Each record must be written out again exactly. Skip any picture it contains.

>>>>>

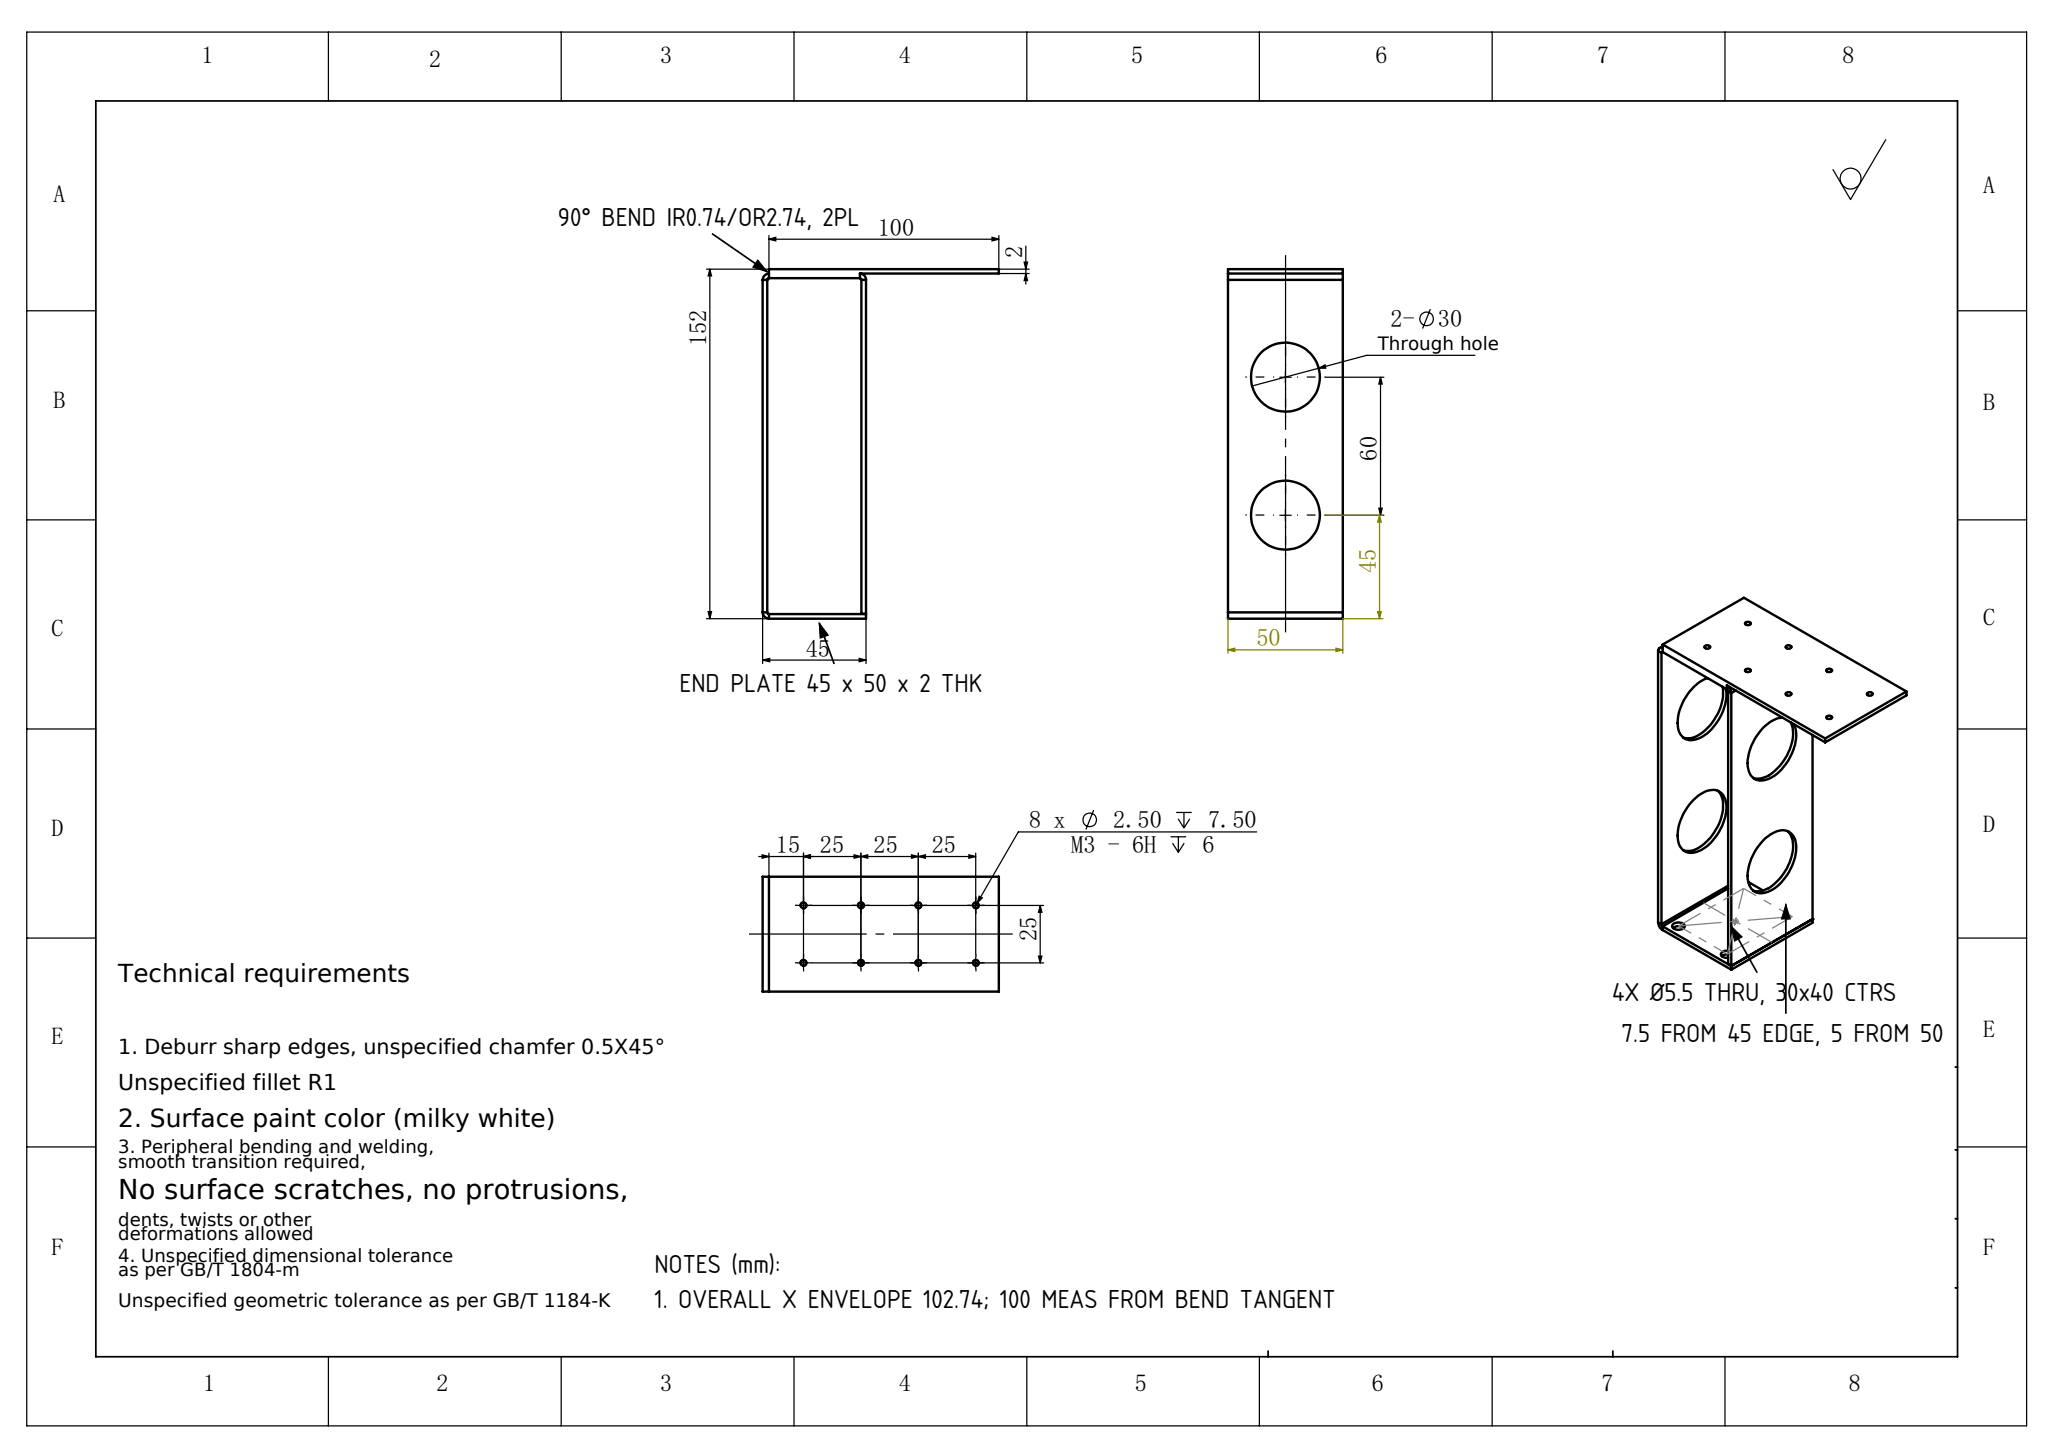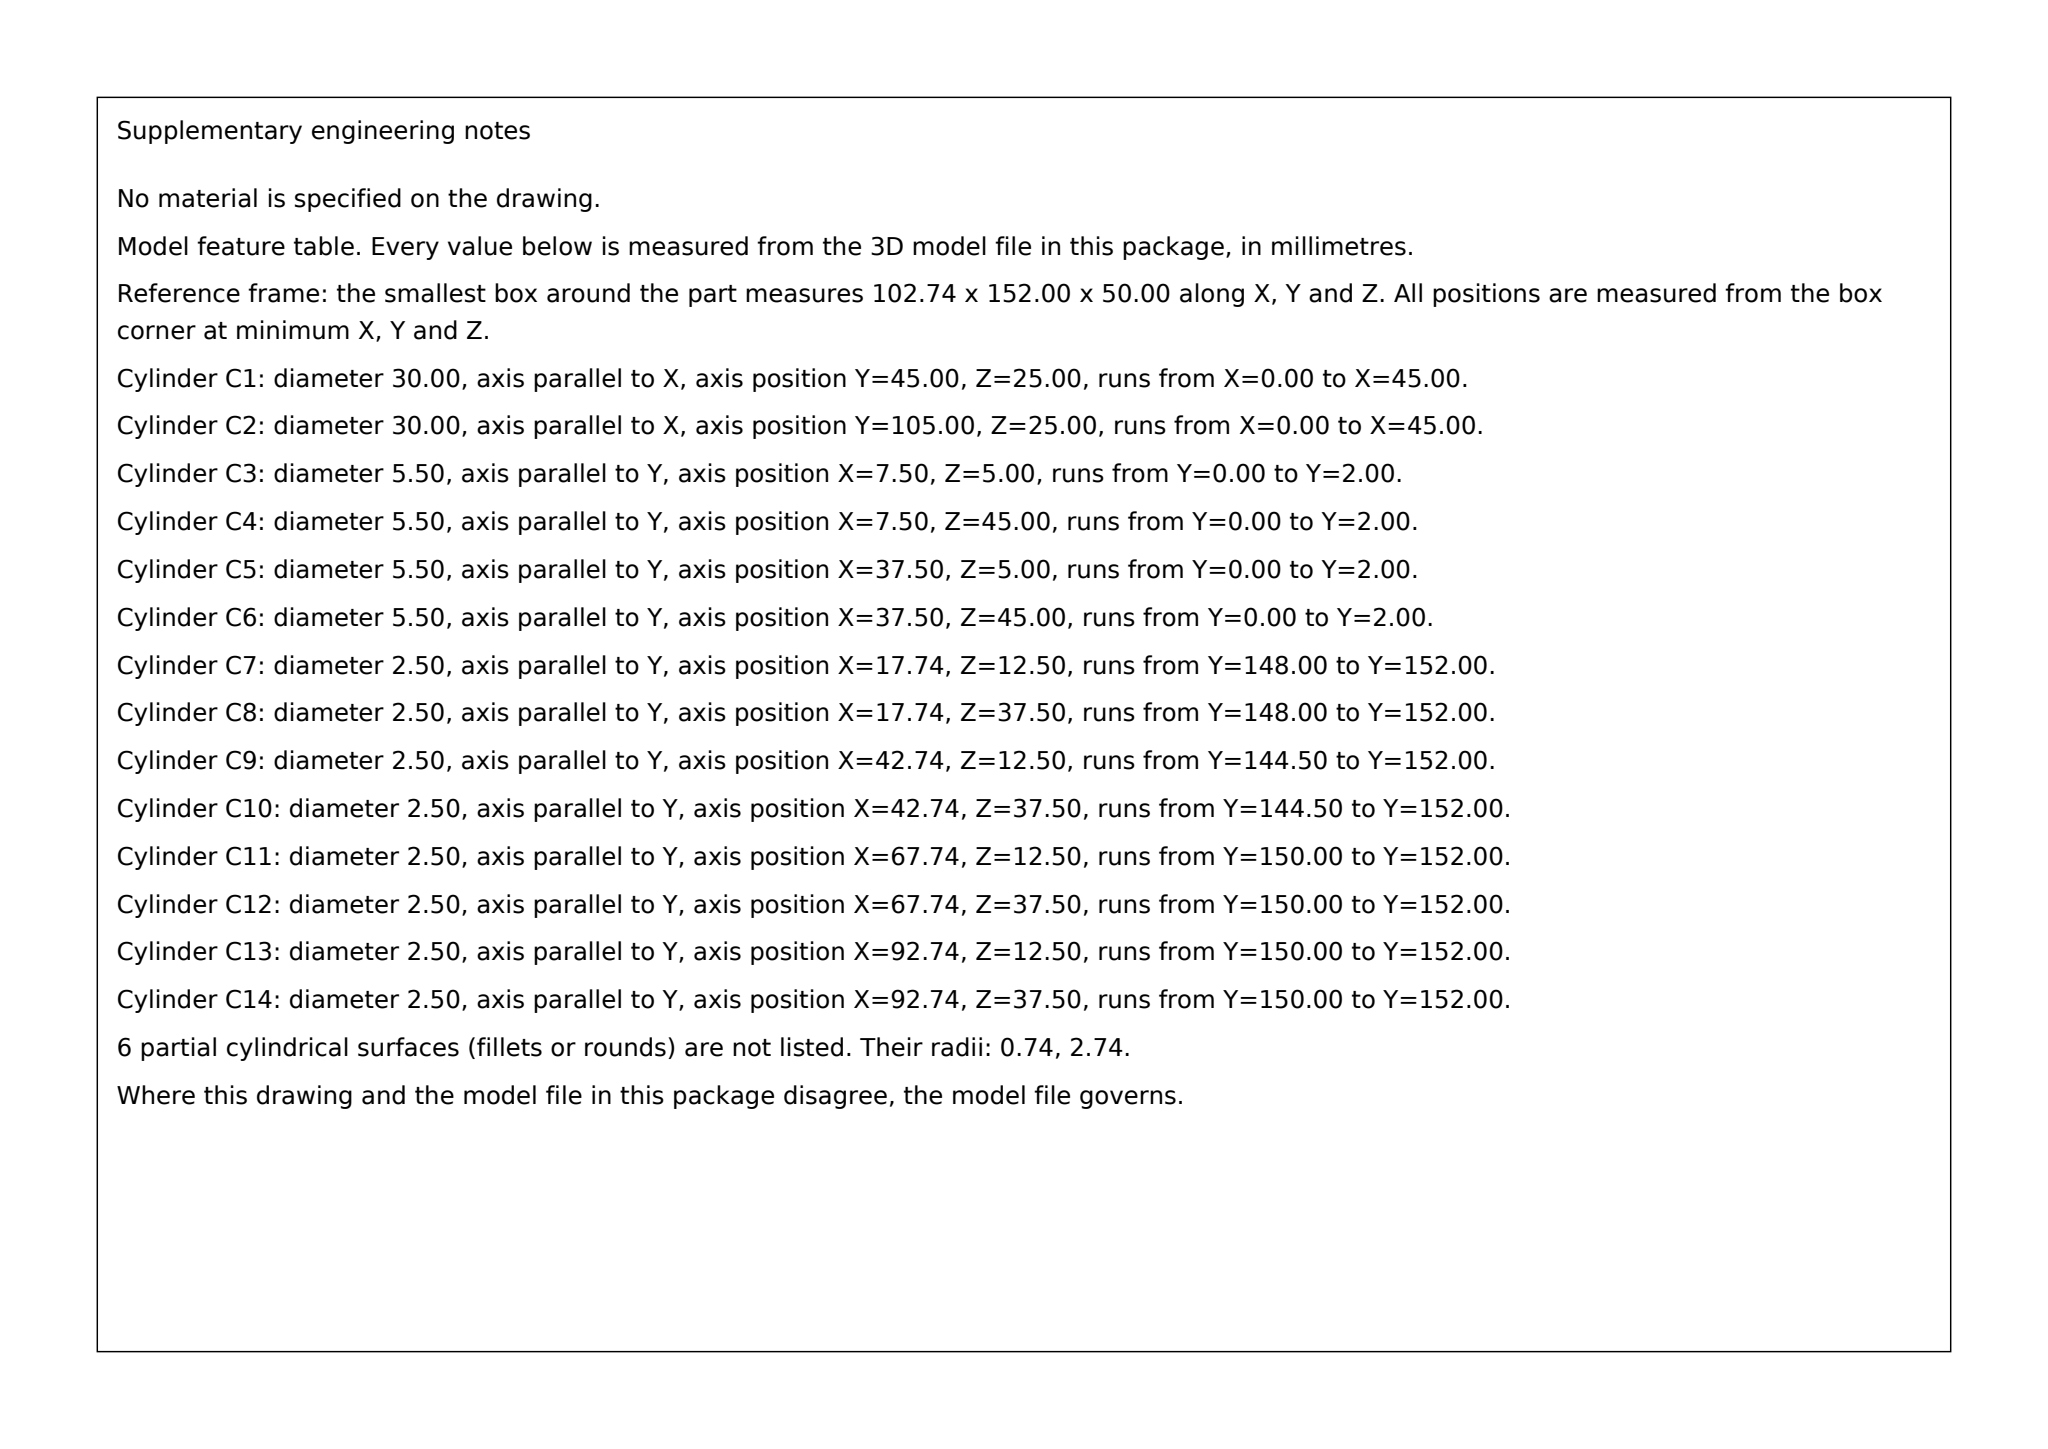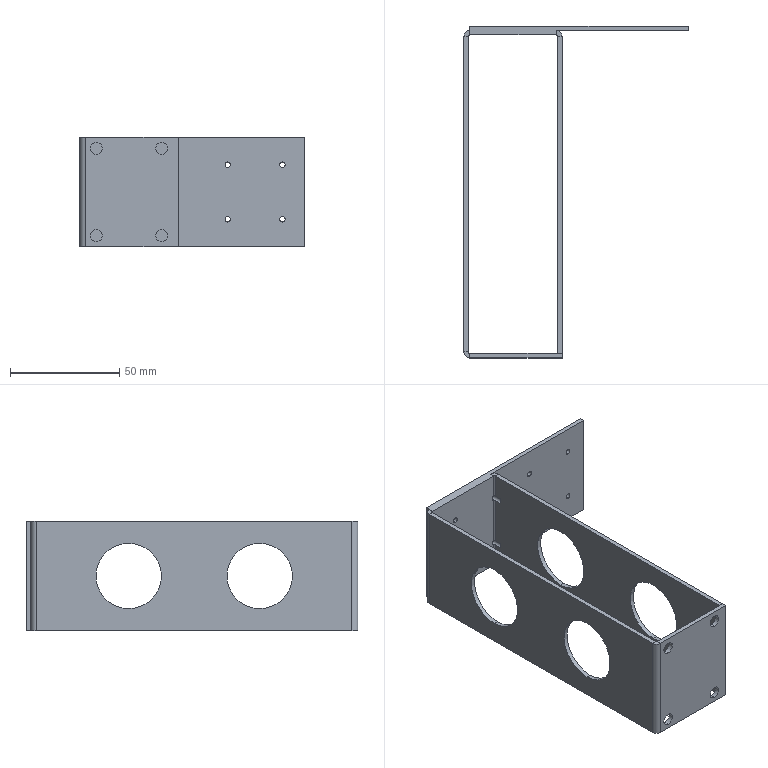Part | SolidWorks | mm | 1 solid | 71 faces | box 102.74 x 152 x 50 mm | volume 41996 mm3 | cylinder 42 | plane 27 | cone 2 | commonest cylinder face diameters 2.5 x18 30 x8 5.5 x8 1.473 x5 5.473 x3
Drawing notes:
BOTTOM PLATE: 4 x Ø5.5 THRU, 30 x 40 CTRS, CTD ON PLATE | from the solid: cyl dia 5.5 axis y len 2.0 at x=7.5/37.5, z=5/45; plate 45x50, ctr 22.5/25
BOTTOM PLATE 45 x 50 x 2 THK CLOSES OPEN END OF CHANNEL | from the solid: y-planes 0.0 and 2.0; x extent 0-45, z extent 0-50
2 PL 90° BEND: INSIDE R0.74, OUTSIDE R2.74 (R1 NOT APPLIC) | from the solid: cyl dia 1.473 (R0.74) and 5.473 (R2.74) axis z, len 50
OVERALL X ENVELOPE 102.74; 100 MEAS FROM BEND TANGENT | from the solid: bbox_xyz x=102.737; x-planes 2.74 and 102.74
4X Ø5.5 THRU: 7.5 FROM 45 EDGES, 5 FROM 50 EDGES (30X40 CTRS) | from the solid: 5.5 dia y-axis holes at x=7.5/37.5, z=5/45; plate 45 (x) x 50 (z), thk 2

<<<<<

> _RESPONSE BOX_
Part | SolidWorks | mm | 1 solid | 71 faces | box 102.74 x 152 x 50 mm | volume 41996 mm3 | cylinder 42 | plane 27 | cone 2 | commonest cylinder face diameters 2.5 x18 30 x8 5.5 x8 1.473 x5 5.473 x3
Drawing notes:
BOTTOM PLATE: 4 x Ø5.5 THRU, 30 x 40 CTRS, CTD ON PLATE | from the solid: cyl dia 5.5 axis y len 2.0 at x=7.5/37.5, z=5/45; plate 45x50, ctr 22.5/25
BOTTOM PLATE 45 x 50 x 2 THK CLOSES OPEN END OF CHANNEL | from the solid: y-planes 0.0 and 2.0; x extent 0-45, z extent 0-50
2 PL 90° BEND: INSIDE R0.74, OUTSIDE R2.74 (R1 NOT APPLIC) | from the solid: cyl dia 1.473 (R0.74) and 5.473 (R2.74) axis z, len 50
OVERALL X ENVELOPE 102.74; 100 MEAS FROM BEND TANGENT | from the solid: bbox_xyz x=102.737; x-planes 2.74 and 102.74
4X Ø5.5 THRU: 7.5 FROM 45 EDGES, 5 FROM 50 EDGES (30X40 CTRS) | from the solid: 5.5 dia y-axis holes at x=7.5/37.5, z=5/45; plate 45 (x) x 50 (z), thk 2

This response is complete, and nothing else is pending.